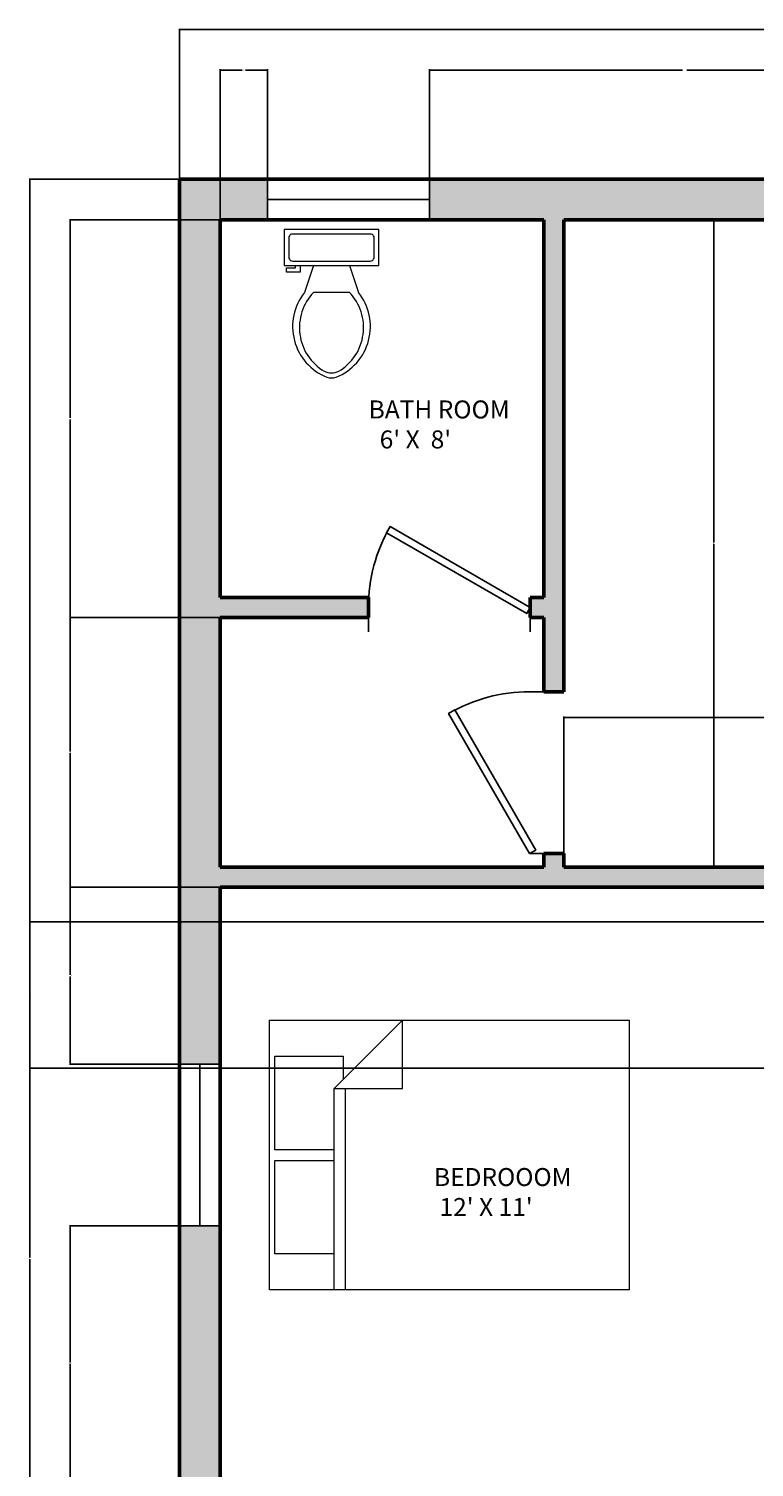
# Model space of a CAD drawing. Units: inches. Extents: x 4 to 671, y -79 to 570.
# Tile 3 of 7: x 4 to 165, y 250 to 570. Entities that reach past the tile are written whole.
import ezdxf

# ---------------------------------------------------------------- set-up
doc = ezdxf.new("R2010")
doc.units = ezdxf.units.IN
doc.header["$MEASUREMENT"] = 0
for name, color, linetype, lineweight in [('A-ANNO-DIMS', 2, 'Continuous', 18), ('A-AREA-IDEN', 7, 'Continuous', 18), ('A-WALL', 7, 'Continuous', 50), ('A-WALL-PATT', 251, 'Continuous', 13), ('bathroom', 90, 'Continuous', 18), ('doors', 40, 'Continuous', 25), ('furniture', 220, 'Continuous', 18), ('window', 30, 'Continuous', 25)]:
    doc.layers.add(name, color=color, linetype=linetype, lineweight=lineweight)
doc.styles.get("Standard").update_dxf_attribs({"font": 'arial.ttf'})
doc.dimstyles.get("Standard").update_dxf_attribs({"dimtxt": 0.18, "dimasz": 0.18, "dimexe": 0.18, "dimexo": 0.0625, "dimgap": 0.09, "dimtad": 0, "dimtih": 1, "dimtoh": 1, "dimdec": 4, "dimzin": 0, "dimdsep": 46, "dimtxsty": 'Standard', "dimcen": 0.09, "dimadec": 0, "dimazin": 0, "dimtfac": 1, "dimtdec": 4, "dimtofl": 0, "dimtmove": 0, "dimatfit": 3, "dimfxl": 1, "dimtolj": 1, "dimtzin": 0, "dimarcsym": 0})

# ---------------------------------------------------------------- blocks, each defined once
blk = doc.blocks.new('*U9')
for p, q in [((0, 0), (0, -6)), ((40, 0), (40, -6))]:
    blk.add_line(p, q)
blk.add_lwpolyline([(0, 0), (34.64, 20), (35.52, 18.48), (0.87, -1.52)], close=True)
blk.add_arc((0, 0), 40, 0, 30)
blk = doc.blocks.new('*U11')
for p, q in [((0, 0), (0, 6)), ((40, 0), (40, 6))]:
    blk.add_line(p, q)
blk.add_lwpolyline([(0, 0), (34.64, -20), (35.52, -18.48), (0.87, 1.52)], close=True)
blk.add_arc((0, 0), 40, 330, 0)
blk = doc.blocks.new('Bed - Queen')
for p, q in [((0, -80.00003), (0, 0)), ((0, 0), (59.99999, 0)), ((59.99999, 0), (59.99999, -80.00003)), ((7.99999, -1.2), (28.79998, -1.2)), ((7.99999, -14.4), (7.99999, -1.2)), ((28.79998, -1.2), (28.79998, -14.4)), ((31.19999, -1.2), (51.99999, -1.2)), ((31.19999, -14.4), (31.19999, -1.2)), ((51.99999, -1.2), (51.99999, -16.4)), ((0, -14.4), (44.8, -14.4)), ((59.99999, -29.6), (44.8, -14.4)), ((44.8, -14.4), (44.8, -29.6)), ((44.8, -16.8), (0, -16.8)), ((51.99999, -16.4), (46.79936, -16.4)), ((44.8, -29.6), (59.99999, -29.6)), ((59.99999, -80.00003), (0, -80.00003))]:
    blk.add_line(p, q)
blk = doc.blocks.new('Toilet - top')
for p, q in [((9.5, -6), (9.5, -2)), ((-10, -8.5), (-8, -8.5)), ((-10, -9.5), (-10, -8.5)), ((-7, -9.5), (-10, -9.5)), ((-8, -8.5), (-8, -8)), ((-7, -8), (-7, -9.5)), ((-4, -8), (-6, -14)), ((4, -8), (6, -14)), ((4, -14), (-4, -14))]:
    blk.add_line(p, q)
blk.add_lwpolyline([(10.5, -8), (10.5, 0), (-10.5, 0), (-10.5, -8)], close=True)
for points in [[(-9.5, -2), (-9.5, -6)], [(8.5, -1), (-8.5, -1)], [(-8.5, -7), (8.5, -7)]]:
    blk.add_lwpolyline(points)
for centre, radius, start, end in [((-8.62, -1.88), 0.884, 81.8699, 188.1301), ((8.62, -1.88), 0.884, 351.8699, 98.1301), ((-8.62, -6.12), 0.884, 171.8699, 278.1301), ((8.62, -6.12), 0.884, 261.8699, 8.1301), ((3.52, -21.58), 12.17, 141.4691, 247.9714), ((4.2, -21.82), 11.33, 136.3677, 238.9468), ((-3.52, -21.58), 12.17, 292.0284, 38.5307), ((-4.2, -21.82), 11.33, 301.053, 43.6321), ((0, -27.88), 4, 245.7318, 294.2682), ((0, -29), 4, 254.8605, 285.1395)]:
    blk.add_arc(centre, radius, start, end)
blk = doc.blocks.new('WIN-36')
for p, q in [((0, 0), (0, 9)), ((0, 9), (36, 9)), ((36, 9), (36, 0)), ((36, 9), (36, 4.5)), ((36, 4.5), (0, 4.5)), ((36, 0), (0, 0))]:
    blk.add_line(p, q)
blk = doc.blocks.new('*D49')
at = {"layer": 'A-ANNO-DIMS', "color": 0, "lineweight": -2, "transparency": 16777216}
for p, q in [((37.44, 536.41), (37.44, 569.83)), ((37.62, 569.65), (337.15, 569.65)), ((637.26, 569.65), (337.73, 569.65)), ((637.44, 536.41), (637.44, 569.83))]:
    blk.add_line(p, q, dxfattribs=at)
at = {"layer": 'A-ANNO-DIMS', "color": 0, "transparency": 16777216}
for points in [[(37.62, 569.68), (37.62, 569.62), (37.44, 569.65)], [(637.26, 569.68), (637.26, 569.62), (637.44, 569.65)]]:
    blk.add_solid(points, dxfattribs=at)
at = {"layer": 'Defpoints', "color": 0, "transparency": 16777216}
for p in [(637.44, 569.65), (37.44, 536.35), (637.44, 536.35)]:
    blk.add_point(p, dxfattribs=at)
at = {"layer": 'A-ANNO-DIMS', "color": 0, "transparency": 16777216, "insert": (337.44, 569.65), "char_height": 0.18, "attachment_point": 5}
blk.add_mtext('\\A1;600', dxfattribs=at)
blk = doc.blocks.new('*D51')
at = {"layer": 'A-ANNO-DIMS', "color": 0, "lineweight": -2, "transparency": 16777216}
for p, q in [((37.38, 536.35), (3.96, 536.35)), ((4.14, 536.17), (4.14, 296.53)), ((4.14, 56.53), (4.14, 296.17)), ((37.38, 56.35), (3.96, 56.35))]:
    blk.add_line(p, q, dxfattribs=at)
at = {"layer": 'A-ANNO-DIMS', "color": 0, "transparency": 16777216}
for points in [[(4.11, 536.17), (4.17, 536.17), (4.14, 536.35)], [(4.11, 56.53), (4.17, 56.53), (4.14, 56.35)]]:
    blk.add_solid(points, dxfattribs=at)
at = {"layer": 'Defpoints', "color": 0, "transparency": 16777216}
for p in [(4.14, 536.35), (37.44, 536.35), (37.44, 56.35)]:
    blk.add_point(p, dxfattribs=at)
at = {"layer": 'A-ANNO-DIMS', "color": 0, "transparency": 16777216, "insert": (4.14, 296.35), "char_height": 0.18, "attachment_point": 5}
blk.add_mtext('\\A1;480', dxfattribs=at)
blk = doc.blocks.new('*D59')
at = {"layer": 'A-ANNO-DIMS', "color": 0, "lineweight": -2, "transparency": 16777216}
for p, q in [((122.94, 383.41), (122.94, 416.83)), ((123.12, 416.65), (206.66, 416.65)), ((290.76, 416.65), (207.22, 416.65)), ((290.94, 383.41), (290.94, 416.83))]:
    blk.add_line(p, q, dxfattribs=at)
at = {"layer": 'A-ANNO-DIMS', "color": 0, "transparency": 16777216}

_ _ _ _

### Problem statement
Quote the preceding listing precisely and completely, omitting its images.

### Answer section
# Model space of a CAD drawing. Units: inches. Extents: x 4 to 671, y -79 to 570.
# Tile 3 of 7: x 4 to 165, y 250 to 570. Entities that reach past the tile are written whole.
import ezdxf

# ---------------------------------------------------------------- set-up
doc = ezdxf.new("R2010")
doc.units = ezdxf.units.IN
doc.header["$MEASUREMENT"] = 0
for name, color, linetype, lineweight in [('A-ANNO-DIMS', 2, 'Continuous', 18), ('A-AREA-IDEN', 7, 'Continuous', 18), ('A-WALL', 7, 'Continuous', 50), ('A-WALL-PATT', 251, 'Continuous', 13), ('bathroom', 90, 'Continuous', 18), ('doors', 40, 'Continuous', 25), ('furniture', 220, 'Continuous', 18), ('window', 30, 'Continuous', 25)]:
    doc.layers.add(name, color=color, linetype=linetype, lineweight=lineweight)
doc.styles.get("Standard").update_dxf_attribs({"font": 'arial.ttf'})
doc.dimstyles.get("Standard").update_dxf_attribs({"dimtxt": 0.18, "dimasz": 0.18, "dimexe": 0.18, "dimexo": 0.0625, "dimgap": 0.09, "dimtad": 0, "dimtih": 1, "dimtoh": 1, "dimdec": 4, "dimzin": 0, "dimdsep": 46, "dimtxsty": 'Standard', "dimcen": 0.09, "dimadec": 0, "dimazin": 0, "dimtfac": 1, "dimtdec": 4, "dimtofl": 0, "dimtmove": 0, "dimatfit": 3, "dimfxl": 1, "dimtolj": 1, "dimtzin": 0, "dimarcsym": 0})

# ---------------------------------------------------------------- blocks, each defined once
blk = doc.blocks.new('*U9')
for p, q in [((0, 0), (0, -6)), ((40, 0), (40, -6))]:
    blk.add_line(p, q)
blk.add_lwpolyline([(0, 0), (34.64, 20), (35.52, 18.48), (0.87, -1.52)], close=True)
blk.add_arc((0, 0), 40, 0, 30)
blk = doc.blocks.new('*U11')
for p, q in [((0, 0), (0, 6)), ((40, 0), (40, 6))]:
    blk.add_line(p, q)
blk.add_lwpolyline([(0, 0), (34.64, -20), (35.52, -18.48), (0.87, 1.52)], close=True)
blk.add_arc((0, 0), 40, 330, 0)
blk = doc.blocks.new('Bed - Queen')
for p, q in [((0, -80.00003), (0, 0)), ((0, 0), (59.99999, 0)), ((59.99999, 0), (59.99999, -80.00003)), ((7.99999, -1.2), (28.79998, -1.2)), ((7.99999, -14.4), (7.99999, -1.2)), ((28.79998, -1.2), (28.79998, -14.4)), ((31.19999, -1.2), (51.99999, -1.2)), ((31.19999, -14.4), (31.19999, -1.2)), ((51.99999, -1.2), (51.99999, -16.4)), ((0, -14.4), (44.8, -14.4)), ((59.99999, -29.6), (44.8, -14.4)), ((44.8, -14.4), (44.8, -29.6)), ((44.8, -16.8), (0, -16.8)), ((51.99999, -16.4), (46.79936, -16.4)), ((44.8, -29.6), (59.99999, -29.6)), ((59.99999, -80.00003), (0, -80.00003))]:
    blk.add_line(p, q)
blk = doc.blocks.new('Toilet - top')
for p, q in [((9.5, -6), (9.5, -2)), ((-10, -8.5), (-8, -8.5)), ((-10, -9.5), (-10, -8.5)), ((-7, -9.5), (-10, -9.5)), ((-8, -8.5), (-8, -8)), ((-7, -8), (-7, -9.5)), ((-4, -8), (-6, -14)), ((4, -8), (6, -14)), ((4, -14), (-4, -14))]:
    blk.add_line(p, q)
blk.add_lwpolyline([(10.5, -8), (10.5, 0), (-10.5, 0), (-10.5, -8)], close=True)
for points in [[(-9.5, -2), (-9.5, -6)], [(8.5, -1), (-8.5, -1)], [(-8.5, -7), (8.5, -7)]]:
    blk.add_lwpolyline(points)
for centre, radius, start, end in [((-8.62, -1.88), 0.884, 81.8699, 188.1301), ((8.62, -1.88), 0.884, 351.8699, 98.1301), ((-8.62, -6.12), 0.884, 171.8699, 278.1301), ((8.62, -6.12), 0.884, 261.8699, 8.1301), ((3.52, -21.58), 12.17, 141.4691, 247.9714), ((4.2, -21.82), 11.33, 136.3677, 238.9468), ((-3.52, -21.58), 12.17, 292.0284, 38.5307), ((-4.2, -21.82), 11.33, 301.053, 43.6321), ((0, -27.88), 4, 245.7318, 294.2682), ((0, -29), 4, 254.8605, 285.1395)]:
    blk.add_arc(centre, radius, start, end)
blk = doc.blocks.new('WIN-36')
for p, q in [((0, 0), (0, 9)), ((0, 9), (36, 9)), ((36, 9), (36, 0)), ((36, 9), (36, 4.5)), ((36, 4.5), (0, 4.5)), ((36, 0), (0, 0))]:
    blk.add_line(p, q)
blk = doc.blocks.new('*D49')
at = {"layer": 'A-ANNO-DIMS', "color": 0, "lineweight": -2, "transparency": 16777216}
for p, q in [((37.44, 536.41), (37.44, 569.83)), ((37.62, 569.65), (337.15, 569.65)), ((637.26, 569.65), (337.73, 569.65)), ((637.44, 536.41), (637.44, 569.83))]:
    blk.add_line(p, q, dxfattribs=at)
at = {"layer": 'A-ANNO-DIMS', "color": 0, "transparency": 16777216}
for points in [[(37.62, 569.68), (37.62, 569.62), (37.44, 569.65)], [(637.26, 569.68), (637.26, 569.62), (637.44, 569.65)]]:
    blk.add_solid(points, dxfattribs=at)
at = {"layer": 'Defpoints', "color": 0, "transparency": 16777216}
for p in [(637.44, 569.65), (37.44, 536.35), (637.44, 536.35)]:
    blk.add_point(p, dxfattribs=at)
at = {"layer": 'A-ANNO-DIMS', "color": 0, "transparency": 16777216, "insert": (337.44, 569.65), "char_height": 0.18, "attachment_point": 5}
blk.add_mtext('\\A1;600', dxfattribs=at)
blk = doc.blocks.new('*D51')
at = {"layer": 'A-ANNO-DIMS', "color": 0, "lineweight": -2, "transparency": 16777216}
for p, q in [((37.38, 536.35), (3.96, 536.35)), ((4.14, 536.17), (4.14, 296.53)), ((4.14, 56.53), (4.14, 296.17)), ((37.38, 56.35), (3.96, 56.35))]:
    blk.add_line(p, q, dxfattribs=at)
at = {"layer": 'A-ANNO-DIMS', "color": 0, "transparency": 16777216}
for points in [[(4.11, 536.17), (4.17, 536.17), (4.14, 536.35)], [(4.11, 56.53), (4.17, 56.53), (4.14, 56.35)]]:
    blk.add_solid(points, dxfattribs=at)
at = {"layer": 'Defpoints', "color": 0, "transparency": 16777216}
for p in [(4.14, 536.35), (37.44, 536.35), (37.44, 56.35)]:
    blk.add_point(p, dxfattribs=at)
at = {"layer": 'A-ANNO-DIMS', "color": 0, "transparency": 16777216, "insert": (4.14, 296.35), "char_height": 0.18, "attachment_point": 5}
blk.add_mtext('\\A1;480', dxfattribs=at)
blk = doc.blocks.new('*D59')
at = {"layer": 'A-ANNO-DIMS', "color": 0, "lineweight": -2, "transparency": 16777216}
for p, q in [((122.94, 383.41), (122.94, 416.83)), ((123.12, 416.65), (206.66, 416.65)), ((290.76, 416.65), (207.22, 416.65)), ((290.94, 383.41), (290.94, 416.83))]:
    blk.add_line(p, q, dxfattribs=at)
at = {"layer": 'A-ANNO-DIMS', "color": 0, "transparency": 16777216}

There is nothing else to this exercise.